# Dataset records
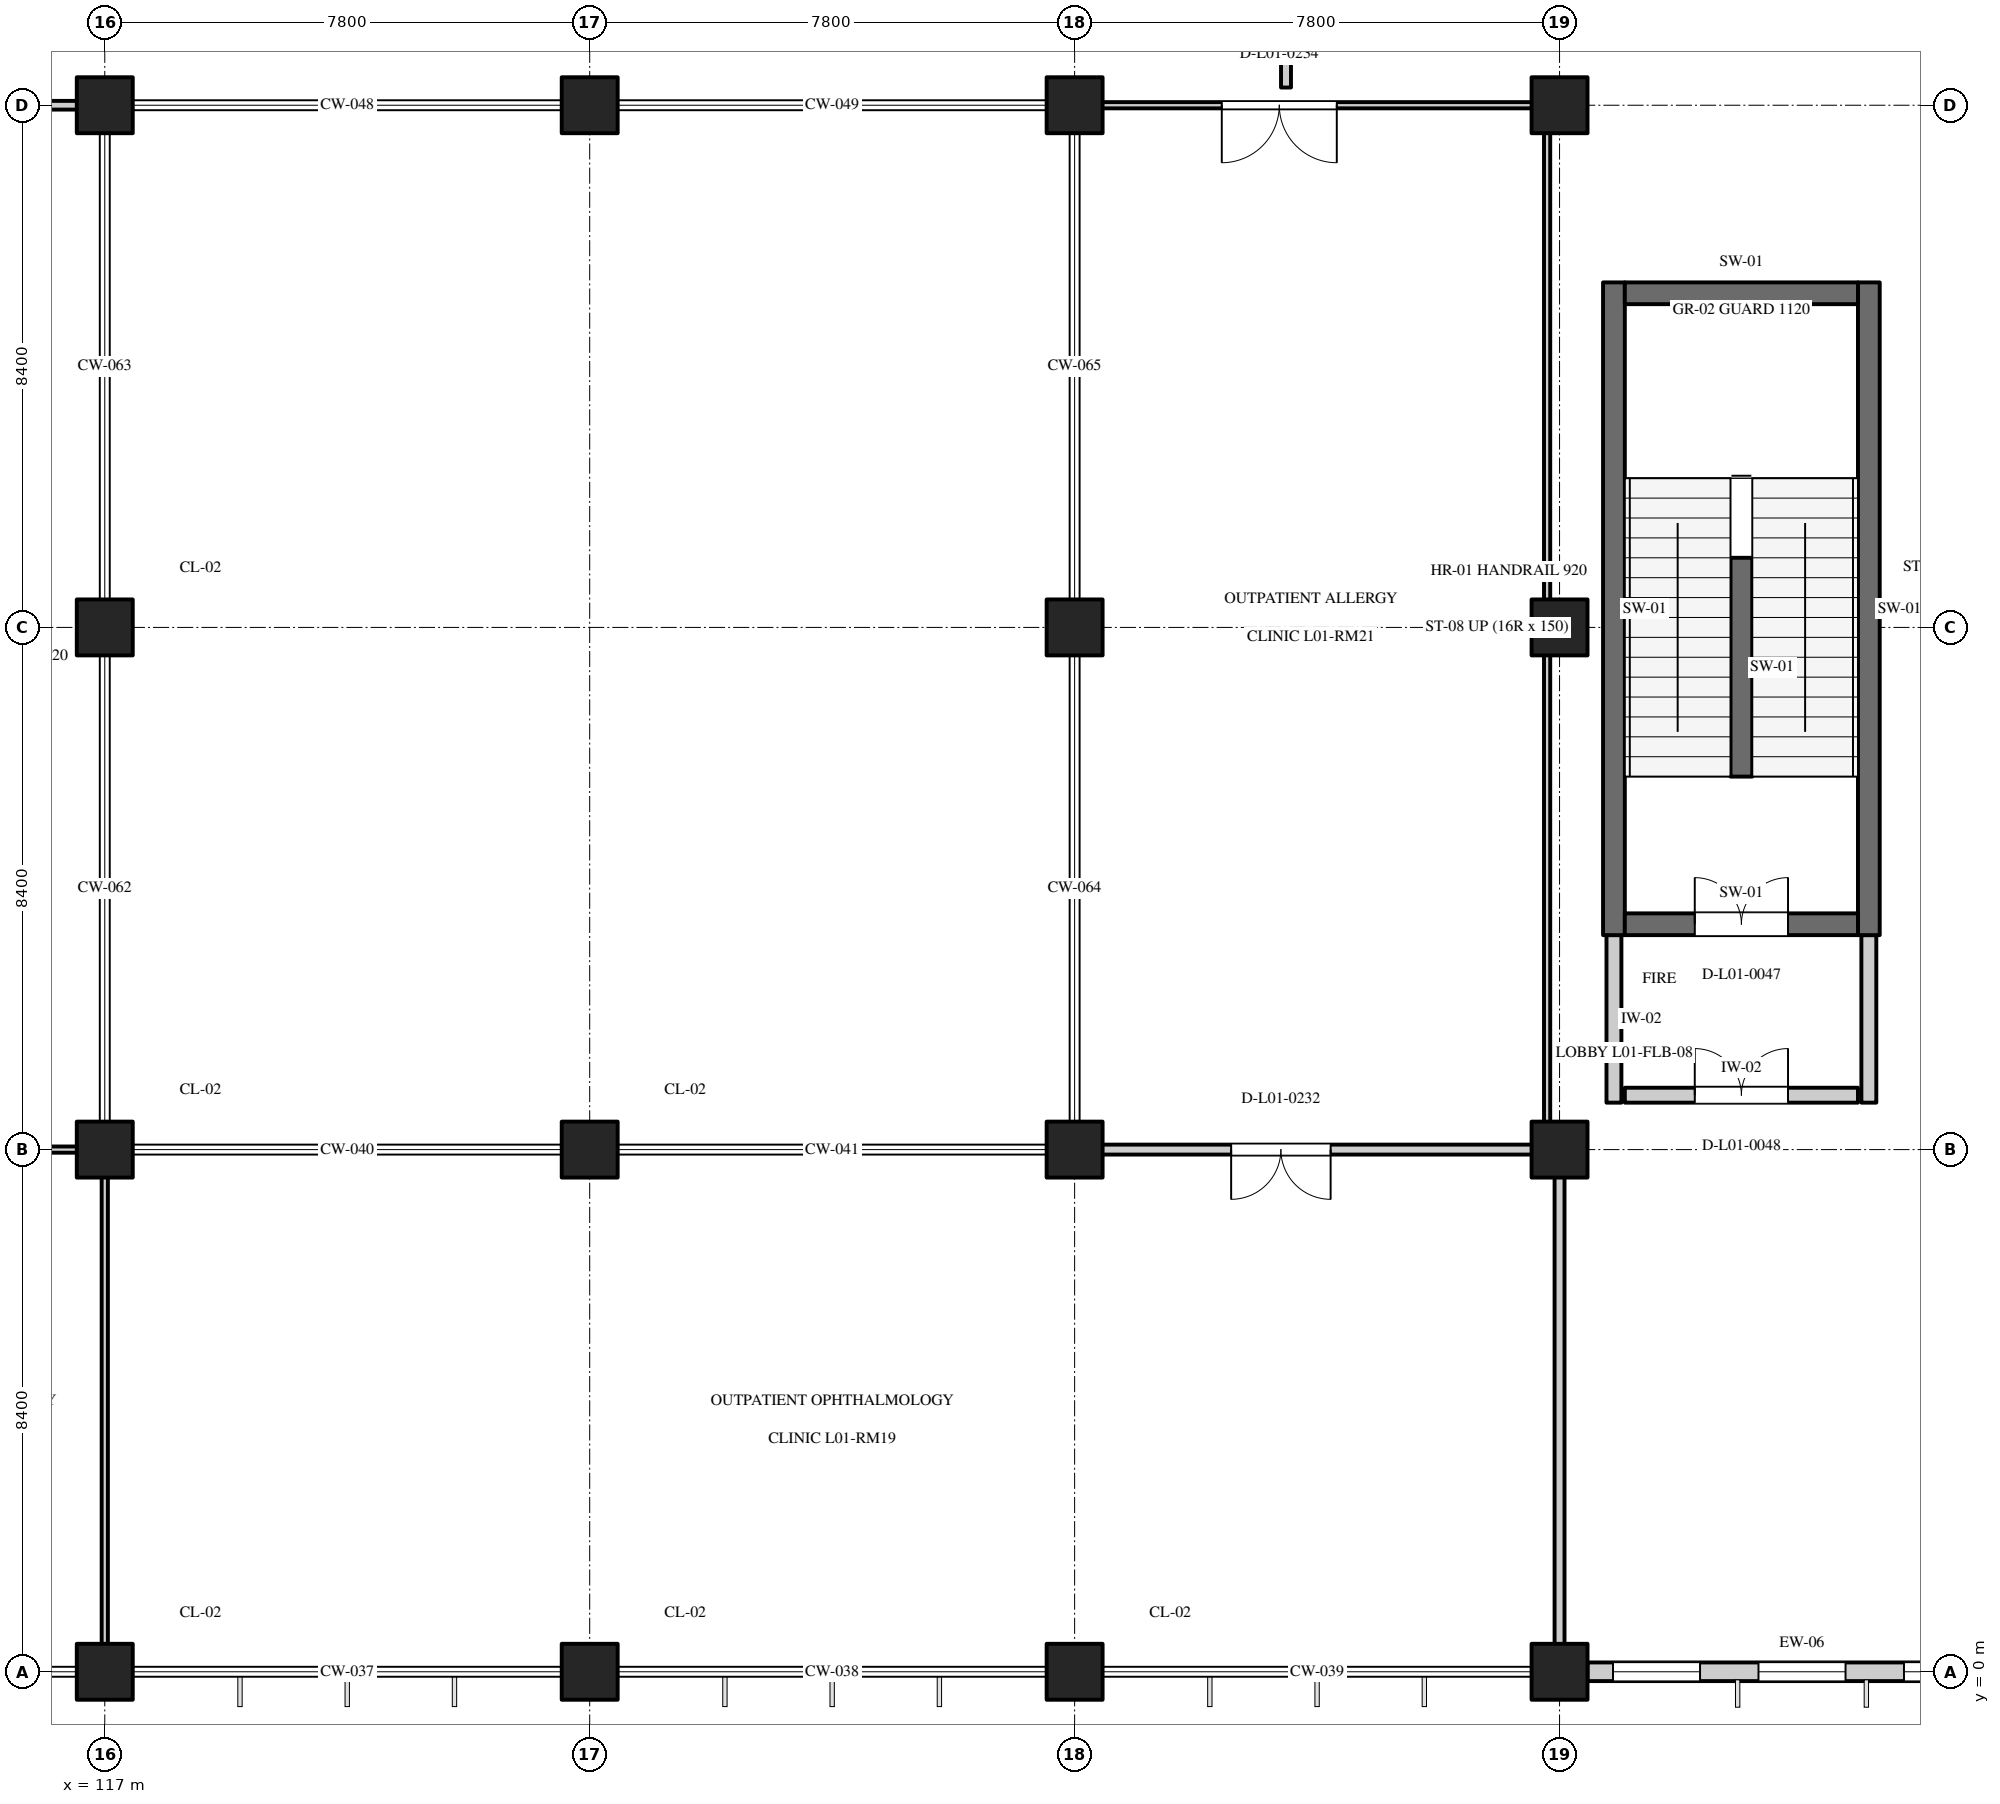
"""IFC4 building model, lengths in metres.
Left out: names, types, materials, properties, quantities, classifications, styles, units other than length and angle.
Written with IfcOpenShell. Run it as: python <this file> out.ifc"""

import sys

from ifc_helpers import new_model, si_unit, direction, frame, frame_2d, origin, origin_2d, place, context, subcontext, project, spatial, rectangle, extrude, element, fill, save


model = new_model("IFC4")
c1 = context("Model", 3, precision=1e-05, world=origin(), true_north=direction((0.0, 1.0)))
c2 = subcontext(c1, "Body", "Model", "MODEL_VIEW")
j1 = project(units=[si_unit("LENGTHUNIT", "METRE"), si_unit("PLANEANGLEUNIT", "RADIAN")], contexts=[c1])
p1 = place(None, origin())
s1 = spatial("IfcSite", under=j1, at=p1, CompositionType="ELEMENT")
p2 = place(p1, origin())
s2 = spatial("IfcBuilding", under=s1, at=p2, CompositionType="ELEMENT")
p3 = place(p2, frame((0.0, 0.0, 4.8)))
s3 = spatial("IfcBuildingStorey", under=s2, at=p3, CompositionType="ELEMENT", Elevation=4.8)
for number, where, z_axis, x_axis in (
    (1, (117.0, 0.0, 0.0), (0.0, 0.0, 1.0), (1.0, 0.0, 0.0)),
    (2, (117.0, 8.4, 0.0), (0.0, 0.0, 1.0), (1.0, 0.0, 0.0)),
    (3, (117.0, 16.8, 0.0), (0.0, 0.0, 1.0), (1.0, 0.0, 0.0)),
    (4, (117.0, 25.2, 0.0), (0.0, 0.0, 1.0), (1.0, 0.0, 0.0)),
    (5, (124.8, 0.0, 0.0), (0.0, 0.0, 1.0), (1.0, 0.0, 0.0)),
    (6, (124.8, 8.4, 0.0), (0.0, 0.0, 1.0), (1.0, 0.0, 0.0)),
    (7, (124.8, 25.2, 0.0), (0.0, 0.0, 1.0), (1.0, 0.0, 0.0)),
    (8, (132.6, 0.0, 0.0), (0.0, 0.0, 1.0), (1.0, 0.0, 0.0)),
    (9, (132.6, 8.4, 0.0), (0.0, 0.0, 1.0), (1.0, 0.0, 0.0)),
    (10, (132.6, 16.8, 0.0), (0.0, 0.0, 1.0), (1.0, 0.0, 0.0)),
    (11, (132.6, 25.2, 0.0), (0.0, 0.0, 1.0), (1.0, 0.0, 0.0)),
    (12, (140.4, 0.0, 0.0), (0.0, 0.0, 1.0), (1.0, 0.0, 0.0)),
    (13, (140.4, 8.4, 0.0), (0.0, 0.0, 1.0), (1.0, 0.0, 0.0)),
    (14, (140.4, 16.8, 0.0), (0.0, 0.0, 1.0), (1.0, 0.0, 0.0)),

# Instructions for the task
With the pictures removed, print the entries above exactly.

# Expected output
"""IFC4 building model, lengths in metres.
Left out: names, types, materials, properties, quantities, classifications, styles, units other than length and angle.
Written with IfcOpenShell. Run it as: python <this file> out.ifc"""

import sys

from ifc_helpers import new_model, si_unit, direction, frame, frame_2d, origin, origin_2d, place, context, subcontext, project, spatial, rectangle, extrude, element, fill, save


model = new_model("IFC4")
c1 = context("Model", 3, precision=1e-05, world=origin(), true_north=direction((0.0, 1.0)))
c2 = subcontext(c1, "Body", "Model", "MODEL_VIEW")
j1 = project(units=[si_unit("LENGTHUNIT", "METRE"), si_unit("PLANEANGLEUNIT", "RADIAN")], contexts=[c1])
p1 = place(None, origin())
s1 = spatial("IfcSite", under=j1, at=p1, CompositionType="ELEMENT")
p2 = place(p1, origin())
s2 = spatial("IfcBuilding", under=s1, at=p2, CompositionType="ELEMENT")
p3 = place(p2, frame((0.0, 0.0, 4.8)))
s3 = spatial("IfcBuildingStorey", under=s2, at=p3, CompositionType="ELEMENT", Elevation=4.8)
for number, where, z_axis, x_axis in (
    (1, (117.0, 0.0, 0.0), (0.0, 0.0, 1.0), (1.0, 0.0, 0.0)),
    (2, (117.0, 8.4, 0.0), (0.0, 0.0, 1.0), (1.0, 0.0, 0.0)),
    (3, (117.0, 16.8, 0.0), (0.0, 0.0, 1.0), (1.0, 0.0, 0.0)),
    (4, (117.0, 25.2, 0.0), (0.0, 0.0, 1.0), (1.0, 0.0, 0.0)),
    (5, (124.8, 0.0, 0.0), (0.0, 0.0, 1.0), (1.0, 0.0, 0.0)),
    (6, (124.8, 8.4, 0.0), (0.0, 0.0, 1.0), (1.0, 0.0, 0.0)),
    (7, (124.8, 25.2, 0.0), (0.0, 0.0, 1.0), (1.0, 0.0, 0.0)),
    (8, (132.6, 0.0, 0.0), (0.0, 0.0, 1.0), (1.0, 0.0, 0.0)),
    (9, (132.6, 8.4, 0.0), (0.0, 0.0, 1.0), (1.0, 0.0, 0.0)),
    (10, (132.6, 16.8, 0.0), (0.0, 0.0, 1.0), (1.0, 0.0, 0.0)),
    (11, (132.6, 25.2, 0.0), (0.0, 0.0, 1.0), (1.0, 0.0, 0.0)),
    (12, (140.4, 0.0, 0.0), (0.0, 0.0, 1.0), (1.0, 0.0, 0.0)),
    (13, (140.4, 8.4, 0.0), (0.0, 0.0, 1.0), (1.0, 0.0, 0.0)),
    (14, (140.4, 16.8, 0.0), (0.0, 0.0, 1.0), (1.0, 0.0, 0.0)),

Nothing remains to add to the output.